# WHAT YOU NEED TO DO
When the line with "#175=ADVANCED_FACE('',(#169),#174,.F.);" appears below, start repeating lines exactly, and keep going through the line with "#215=ADVANCED_FACE('',(#209),#214,.F.);"; add nothing outside that span.

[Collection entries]
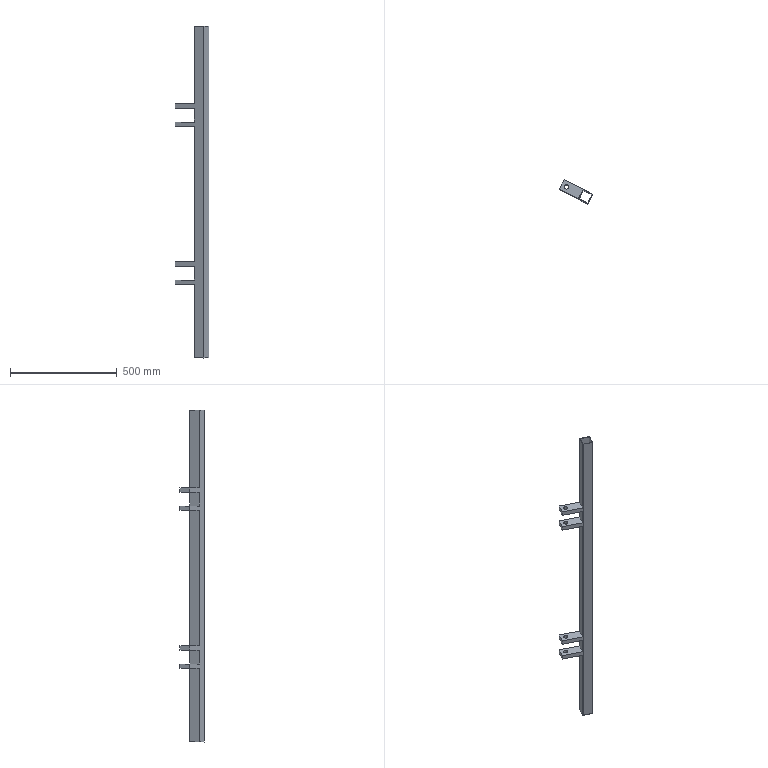Component | SolidWorks | Part13-1 | 1 solid | 34 faces | box 156.4 x 112.41 x 1554 mm | volume 971603 mm3 | plane 26 | cylinder 8 | commonest cylinder face diameters 20 x8
build123d program:
from build123d import *

# Parameters (mm, degrees)
SKETCH1_W           = 1554
SKETCH1_H           = 50
BOSS_EXTRUDE2_DEPTH = 50
SHELL1_T            = -2
SKETCH2_W           = 20
SKETCH2_H           = 100
BOSS_EXTRUDE3_DEPTH = 50
SKETCH3_R           = 10
CUT_EXTRUDE1_DEPTH  = 1195.898


with BuildPart() as part:
    # Sketch1 → Boss-Extrude2 (new body)
    with BuildSketch(Plane.XY):
        with Locations((715.859, 38.721)):
            Rectangle(SKETCH1_W, SKETCH1_H)
    extrude(amount=BOSS_EXTRUDE2_DEPTH)

    # Shell1
    shell1_openings = [part.faces().sort_by_distance(p)[0] for p in [
        (1492.859, 38.721, 25),
        (-61.141, 38.721, 25),
    ]]
    offset(amount=SHELL1_T, openings=shell1_openings, kind=Kind.INTERSECTION)

    # Sketch2 → Boss-Extrude3 (add)
    with BuildSketch(Plane.XZ.offset(-13.721)):
        with Locations((398.859, -50)):
            Rectangle(SKETCH2_W, SKETCH2_H)
        with Locations((313.859, -50)):
            Rectangle(SKETCH2_W, SKETCH2_H)
        with Locations((1052.859, -50)):
            Rectangle(SKETCH2_W, SKETCH2_H)
        with Locations((1137.859, -50)):
            Rectangle(SKETCH2_W, SKETCH2_H)
    extrude(amount=-BOSS_EXTRUDE3_DEPTH)

    # Sketch3 → Cut-Extrude1 (cut, through all)
    with BuildSketch(Plane.ZY.offset(-303.859)):
        with Locations((-75, 38.721)):
            Circle(SKETCH3_R)
    extrude(amount=-CUT_EXTRUDE1_DEPTH, mode=Mode.SUBTRACT)


solid = part.part

# Placed as in the assembly
solid = solid.moved(Location((-204.696, -928.158, 2528.83), (90, 63.121, -90)))
STEP:
#1=COLOUR_RGB('',0.7922,0.8196,0.9333);
#2=FILL_AREA_STYLE_COLOUR('',#1);
#3=FILL_AREA_STYLE('',(#2));
#4=SURFACE_STYLE_FILL_AREA(#3);
#5=SURFACE_SIDE_STYLE('',(#4));
#6=SURFACE_STYLE_USAGE(.BOTH.,#5);
#7=PRESENTATION_STYLE_ASSIGNMENT((#6));
#8=CARTESIAN_POINT('',(-9.652,-34.025,83.463));
#9=VERTEX_POINT('',#8);
#10=CARTESIAN_POINT('',(-10.355,-33.669,83.463));
#11=VERTEX_POINT('',#10);
#12=CARTESIAN_POINT('',(-10.003,-33.847,83.463));
#13=DIRECTION('',(0.,0.,-1.));
#14=DIRECTION('',(-0.892,0.4521,0.));
#15=AXIS2_PLACEMENT_3D('',#12,#13,#14);
#16=CIRCLE('',#15,0.3937);
#17=EDGE_CURVE('',#9,#11,#16,.T.);
#18=ORIENTED_EDGE('',*,*,#17,.T.);
#19=CARTESIAN_POINT('',(-10.355,-33.669,84.251));
#20=VERTEX_POINT('',#19);
#21=CARTESIAN_POINT('',(-10.355,-33.669,40.786));
#22=DIRECTION('',(-0.,-0.,1.));
#23=VECTOR('',#22,39.37);
#24=LINE('',#21,#23);
#25=EDGE_CURVE('',#11,#20,#24,.T.);
#26=ORIENTED_EDGE('',*,*,#25,.T.);
#27=CARTESIAN_POINT('',(-9.652,-34.025,84.251));
#28=VERTEX_POINT('',#27);
#29=CARTESIAN_POINT('',(-10.003,-33.847,84.251));
#30=DIRECTION('',(-0.,-0.,1.));
#31=DIRECTION('',(0.892,-0.4521,-0.));
#32=AXIS2_PLACEMENT_3D('',#29,#30,#31);
#33=CIRCLE('',#32,0.3937);
#34=EDGE_CURVE('',#20,#28,#33,.T.);
#35=ORIENTED_EDGE('',*,*,#34,.T.);
#36=CARTESIAN_POINT('',(-9.652,-34.025,40.786));
#37=DIRECTION('',(-0.,-0.,1.));
#38=VECTOR('',#37,39.37);
#39=LINE('',#36,#38);
#40=EDGE_CURVE('',#9,#28,#39,.T.);
#41=ORIENTED_EDGE('',*,*,#40,.F.);
#42=EDGE_LOOP('',(#18,#26,#35,#41));
#43=FACE_OUTER_BOUND('',#42,.T.);
#44=CARTESIAN_POINT('',(-10.003,-33.847,40.786));
#45=DIRECTION('',(-0.,-0.,1.));
#46=DIRECTION('',(0.892,-0.4521,-0.));
#47=AXIS2_PLACEMENT_3D('',#44,#45,#46);
#48=CYLINDRICAL_SURFACE('',#47,0.3937);
#49=ADVANCED_FACE('',(#43),#48,.F.);
#50=CARTESIAN_POINT('',(-9.652,-34.025,86.81));
#51=VERTEX_POINT('',#50);
#52=CARTESIAN_POINT('',(-10.355,-33.669,86.81));
#53=VERTEX_POINT('',#52);
#54=CARTESIAN_POINT('',(-10.003,-33.847,86.81));
#55=DIRECTION('',(0.,0.,-1.));
#56=DIRECTION('',(-0.892,0.4521,0.));
#57=AXIS2_PLACEMENT_3D('',#54,#55,#56);
#58=CIRCLE('',#57,0.3937);
#59=EDGE_CURVE('',#51,#53,#58,.T.);
#60=ORIENTED_EDGE('',*,*,#59,.T.);
#61=CARTESIAN_POINT('',(-10.355,-33.669,87.597));
#62=VERTEX_POINT('',#61);
#63=CARTESIAN_POINT('',(-10.355,-33.669,40.786));
#64=DIRECTION('',(-0.,-0.,1.));
#65=VECTOR('',#64,39.37);
#66=LINE('',#63,#65);
#67=EDGE_CURVE('',#53,#62,#66,.T.);
#68=ORIENTED_EDGE('',*,*,#67,.T.);
#69=CARTESIAN_POINT('',(-9.652,-34.025,87.597));
#70=VERTEX_POINT('',#69);
#71=CARTESIAN_POINT('',(-10.003,-33.847,87.597));
#72=DIRECTION('',(-0.,-0.,1.));
#73=DIRECTION('',(0.892,-0.4521,-0.));
#74=AXIS2_PLACEMENT_3D('',#71,#72,#73);
#75=CIRCLE('',#74,0.3937);
#76=EDGE_CURVE('',#62,#70,#75,.T.);
#77=ORIENTED_EDGE('',*,*,#76,.T.);
#78=CARTESIAN_POINT('',(-9.652,-34.025,40.786));
#79=DIRECTION('',(-0.,-0.,1.));
#80=VECTOR('',#79,39.37);
#81=LINE('',#78,#80);
#82=EDGE_CURVE('',#51,#70,#81,.T.);
#83=ORIENTED_EDGE('',*,*,#82,.F.);
#84=EDGE_LOOP('',(#60,#68,#77,#83));
#85=FACE_OUTER_BOUND('',#84,.T.);
#86=CARTESIAN_POINT('',(-10.003,-33.847,40.786));
#87=DIRECTION('',(-0.,-0.,1.));
#88=DIRECTION('',(0.892,-0.4521,-0.));
#89=AXIS2_PLACEMENT_3D('',#86,#87,#88);
#90=CYLINDRICAL_SURFACE('',#89,0.3937);
#91=ADVANCED_FACE('',(#85),#90,.F.);
#92=CARTESIAN_POINT('',(-9.652,-34.025,57.715));
#93=VERTEX_POINT('',#92);
#94=CARTESIAN_POINT('',(-10.355,-33.669,57.715));
#95=VERTEX_POINT('',#94);
#96=CARTESIAN_POINT('',(-10.003,-33.847,57.715));
#97=DIRECTION('',(0.,0.,-1.));
#98=DIRECTION('',(-0.892,0.4521,0.));
#99=AXIS2_PLACEMENT_3D('',#96,#97,#98);
#100=CIRCLE('',#99,0.3937);
#101=EDGE_CURVE('',#93,#95,#100,.T.);
#102=ORIENTED_EDGE('',*,*,#101,.T.);
#103=CARTESIAN_POINT('',(-10.355,-33.669,58.503));
#104=VERTEX_POINT('',#103);
#105=CARTESIAN_POINT('',(-10.355,-33.669,40.786));
#106=DIRECTION('',(-0.,-0.,1.));
#107=VECTOR('',#106,39.37);
#108=LINE('',#105,#107);
#109=EDGE_CURVE('',#95,#104,#108,.T.);
#110=ORIENTED_EDGE('',*,*,#109,.T.);
#111=CARTESIAN_POINT('',(-9.652,-34.025,58.503));
#112=VERTEX_POINT('',#111);
#113=CARTESIAN_POINT('',(-10.003,-33.847,58.503));
#114=DIRECTION('',(-0.,-0.,1.));
#115=DIRECTION('',(0.892,-0.4521,-0.));
#116=AXIS2_PLACEMENT_3D('',#113,#114,#115);
#117=CIRCLE('',#116,0.3937);
#118=EDGE_CURVE('',#104,#112,#117,.T.);
#119=ORIENTED_EDGE('',*,*,#118,.T.);
#120=CARTESIAN_POINT('',(-9.652,-34.025,40.786));
#121=DIRECTION('',(-0.,-0.,1.));
#122=VECTOR('',#121,39.37);
#123=LINE('',#120,#122);
#124=EDGE_CURVE('',#93,#112,#123,.T.);
#125=ORIENTED_EDGE('',*,*,#124,.F.);
#126=EDGE_LOOP('',(#102,#110,#119,#125));
#127=FACE_OUTER_BOUND('',#126,.T.);
#128=CARTESIAN_POINT('',(-10.003,-33.847,40.786));
#129=DIRECTION('',(-0.,-0.,1.));
#130=DIRECTION('',(0.892,-0.4521,-0.));
#131=AXIS2_PLACEMENT_3D('',#128,#129,#130);
#132=CYLINDRICAL_SURFACE('',#131,0.3937);
#133=ADVANCED_FACE('',(#127),#132,.F.);
#134=CARTESIAN_POINT('',(-9.652,-34.025,54.369));
#135=VERTEX_POINT('',#134);
#136=CARTESIAN_POINT('',(-10.355,-33.669,54.369));
#137=VERTEX_POINT('',#136);
#138=CARTESIAN_POINT('',(-10.003,-33.847,54.369));
#139=DIRECTION('',(0.,0.,-1.));
#140=DIRECTION('',(-0.892,0.4521,0.));
#141=AXIS2_PLACEMENT_3D('',#138,#139,#140);
#142=CIRCLE('',#141,0.3937);
#143=EDGE_CURVE('',#135,#137,#142,.T.);
#144=ORIENTED_EDGE('',*,*,#143,.T.);
#145=CARTESIAN_POINT('',(-10.355,-33.669,55.156));
#146=VERTEX_POINT('',#145);
#147=CARTESIAN_POINT('',(-10.355,-33.669,40.786));
#148=DIRECTION('',(-0.,-0.,1.));
#149=VECTOR('',#148,39.37);
#150=LINE('',#147,#149);
#151=EDGE_CURVE('',#137,#146,#150,.T.);
#152=ORIENTED_EDGE('',*,*,#151,.T.);
#153=CARTESIAN_POINT('',(-9.652,-34.025,55.156));
#154=VERTEX_POINT('',#153);
#155=CARTESIAN_POINT('',(-10.003,-33.847,55.156));
#156=DIRECTION('',(-0.,-0.,1.));
#157=DIRECTION('',(0.892,-0.4521,-0.));
#158=AXIS2_PLACEMENT_3D('',#155,#156,#157);
#159=CIRCLE('',#158,0.3937);
#160=EDGE_CURVE('',#146,#154,#159,.T.);
#161=ORIENTED_EDGE('',*,*,#160,.T.);
#162=CARTESIAN_POINT('',(-9.652,-34.025,40.786));
#163=DIRECTION('',(-0.,-0.,1.));
#164=VECTOR('',#163,39.37);
#165=LINE('',#162,#164);
#166=EDGE_CURVE('',#135,#154,#165,.T.);
#167=ORIENTED_EDGE('',*,*,#166,.F.);
#168=EDGE_LOOP('',(#144,#152,#161,#167));
#169=FACE_OUTER_BOUND('',#168,.T.);
#170=CARTESIAN_POINT('',(-10.003,-33.847,40.786));
#171=DIRECTION('',(-0.,-0.,1.));
#172=DIRECTION('',(0.892,-0.4521,-0.));
#173=AXIS2_PLACEMENT_3D('',#170,#171,#172);
#174=CYLINDRICAL_SURFACE('',#173,0.3937);
#175=ADVANCED_FACE('',(#169),#174,.F.);
#176=CARTESIAN_POINT('',(-6.925,-34.304,54.369));
#177=VERTEX_POINT('',#176);
#178=CARTESIAN_POINT('',(-7.815,-36.06,54.369));
#179=VERTEX_POINT('',#178);
#180=CARTESIAN_POINT('',(-6.925,-34.304,54.369));
#181=DIRECTION('',(-0.4521,-0.892,-0.));
#182=VECTOR('',#181,39.37);
#183=LINE('',#180,#182);
#184=EDGE_CURVE('',#177,#179,#183,.T.);
#185=ORIENTED_EDGE('',*,*,#184,.F.);
#186=CARTESIAN_POINT('',(-6.925,-34.304,40.786));
#187=VERTEX_POINT('',#186);
#188=CARTESIAN_POINT('',(-6.925,-34.304,101.967));
#189=DIRECTION('',(-0.,-0.,1.));
#190=VECTOR('',#189,39.37);
#191=LINE('',#188,#190);
#192=EDGE_CURVE('',#187,#177,#191,.T.);
#193=ORIENTED_EDGE('',*,*,#192,.F.);
#194=CARTESIAN_POINT('',(-7.815,-36.06,40.786));
#195=VERTEX_POINT('',#194);
#196=CARTESIAN_POINT('',(-6.925,-34.304,40.786));
#197=DIRECTION('',(0.4521,0.892,0.));
#198=VECTOR('',#197,39.37);
#199=LINE('',#196,#198);
#200=EDGE_CURVE('',#195,#187,#199,.T.);
#201=ORIENTED_EDGE('',*,*,#200,.F.);
#202=CARTESIAN_POINT('',(-7.815,-36.06,101.967));
#203=DIRECTION('',(0.,0.,-1.));
#204=VECTOR('',#203,39.37);
#205=LINE('',#202,#204);
#206=EDGE_CURVE('',#179,#195,#205,.T.);
#207=ORIENTED_EDGE('',*,*,#206,.F.);
#208=EDGE_LOOP('',(#185,#193,#201,#207));
#209=FACE_OUTER_BOUND('',#208,.T.);
#210=CARTESIAN_POINT('',(-8.059,-36.542,99.56));
#211=DIRECTION('',(0.892,-0.4521,-0.));
#212=DIRECTION('',(0.,0.,-1.));
#213=AXIS2_PLACEMENT_3D('',#210,#211,#212);
#214=PLANE('',#213);
#215=ADVANCED_FACE('',(#209),#214,.F.);
#216=CARTESIAN_POINT('',(-6.925,-34.304,55.156));
#217=VERTEX_POINT('',#216);
#218=CARTESIAN_POINT('',(-6.925,-34.304,57.715));
#219=VERTEX_POINT('',#218);
#220=CARTESIAN_POINT('',(-6.925,-34.304,101.967));
#221=DIRECTION('',(-0.,-0.,1.));
#222=VECTOR('',#221,39.37);
#223=LINE('',#220,#222);
#224=EDGE_CURVE('',#217,#219,#223,.T.);
#225=ORIENTED_EDGE('',*,*,#224,.F.);
#226=CARTESIAN_POINT('',(-7.815,-36.06,55.156));
#227=VERTEX_POINT('',#226);
#228=CARTESIAN_POINT('',(-6.925,-34.304,55.156));
#229=DIRECTION('',(-0.4521,-0.892,-0.));
#230=VECTOR('',#229,39.37);
#231=LINE('',#228,#230);
#232=EDGE_CURVE('',#217,#227,#231,.T.);
#233=ORIENTED_EDGE('',*,*,#232,.T.);
#234=CARTESIAN_POINT('',(-7.815,-36.06,57.715));
#235=VERTEX_POINT('',#234);
#236=CARTESIAN_POINT('',(-7.815,-36.06,101.967));
#237=DIRECTION('',(0.,0.,-1.));
#238=VECTOR('',#237,39.37);
#239=LINE('',#236,#238);
#240=EDGE_CURVE('',#235,#227,#239,.T.);
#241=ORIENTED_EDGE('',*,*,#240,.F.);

# RESULT
#175=ADVANCED_FACE('',(#169),#174,.F.);
#176=CARTESIAN_POINT('',(-6.925,-34.304,54.369));
#177=VERTEX_POINT('',#176);
#178=CARTESIAN_POINT('',(-7.815,-36.06,54.369));
#179=VERTEX_POINT('',#178);
#180=CARTESIAN_POINT('',(-6.925,-34.304,54.369));
#181=DIRECTION('',(-0.4521,-0.892,-0.));
#182=VECTOR('',#181,39.37);
#183=LINE('',#180,#182);
#184=EDGE_CURVE('',#177,#179,#183,.T.);
#185=ORIENTED_EDGE('',*,*,#184,.F.);
#186=CARTESIAN_POINT('',(-6.925,-34.304,40.786));
#187=VERTEX_POINT('',#186);
#188=CARTESIAN_POINT('',(-6.925,-34.304,101.967));
#189=DIRECTION('',(-0.,-0.,1.));
#190=VECTOR('',#189,39.37);
#191=LINE('',#188,#190);
#192=EDGE_CURVE('',#187,#177,#191,.T.);
#193=ORIENTED_EDGE('',*,*,#192,.F.);
#194=CARTESIAN_POINT('',(-7.815,-36.06,40.786));
#195=VERTEX_POINT('',#194);
#196=CARTESIAN_POINT('',(-6.925,-34.304,40.786));
#197=DIRECTION('',(0.4521,0.892,0.));
#198=VECTOR('',#197,39.37);
#199=LINE('',#196,#198);
#200=EDGE_CURVE('',#195,#187,#199,.T.);
#201=ORIENTED_EDGE('',*,*,#200,.F.);
#202=CARTESIAN_POINT('',(-7.815,-36.06,101.967));
#203=DIRECTION('',(0.,0.,-1.));
#204=VECTOR('',#203,39.37);
#205=LINE('',#202,#204);
#206=EDGE_CURVE('',#179,#195,#205,.T.);
#207=ORIENTED_EDGE('',*,*,#206,.F.);
#208=EDGE_LOOP('',(#185,#193,#201,#207));
#209=FACE_OUTER_BOUND('',#208,.T.);
#210=CARTESIAN_POINT('',(-8.059,-36.542,99.56));
#211=DIRECTION('',(0.892,-0.4521,-0.));
#212=DIRECTION('',(0.,0.,-1.));
#213=AXIS2_PLACEMENT_3D('',#210,#211,#212);
#214=PLANE('',#213);
#215=ADVANCED_FACE('',(#209),#214,.F.);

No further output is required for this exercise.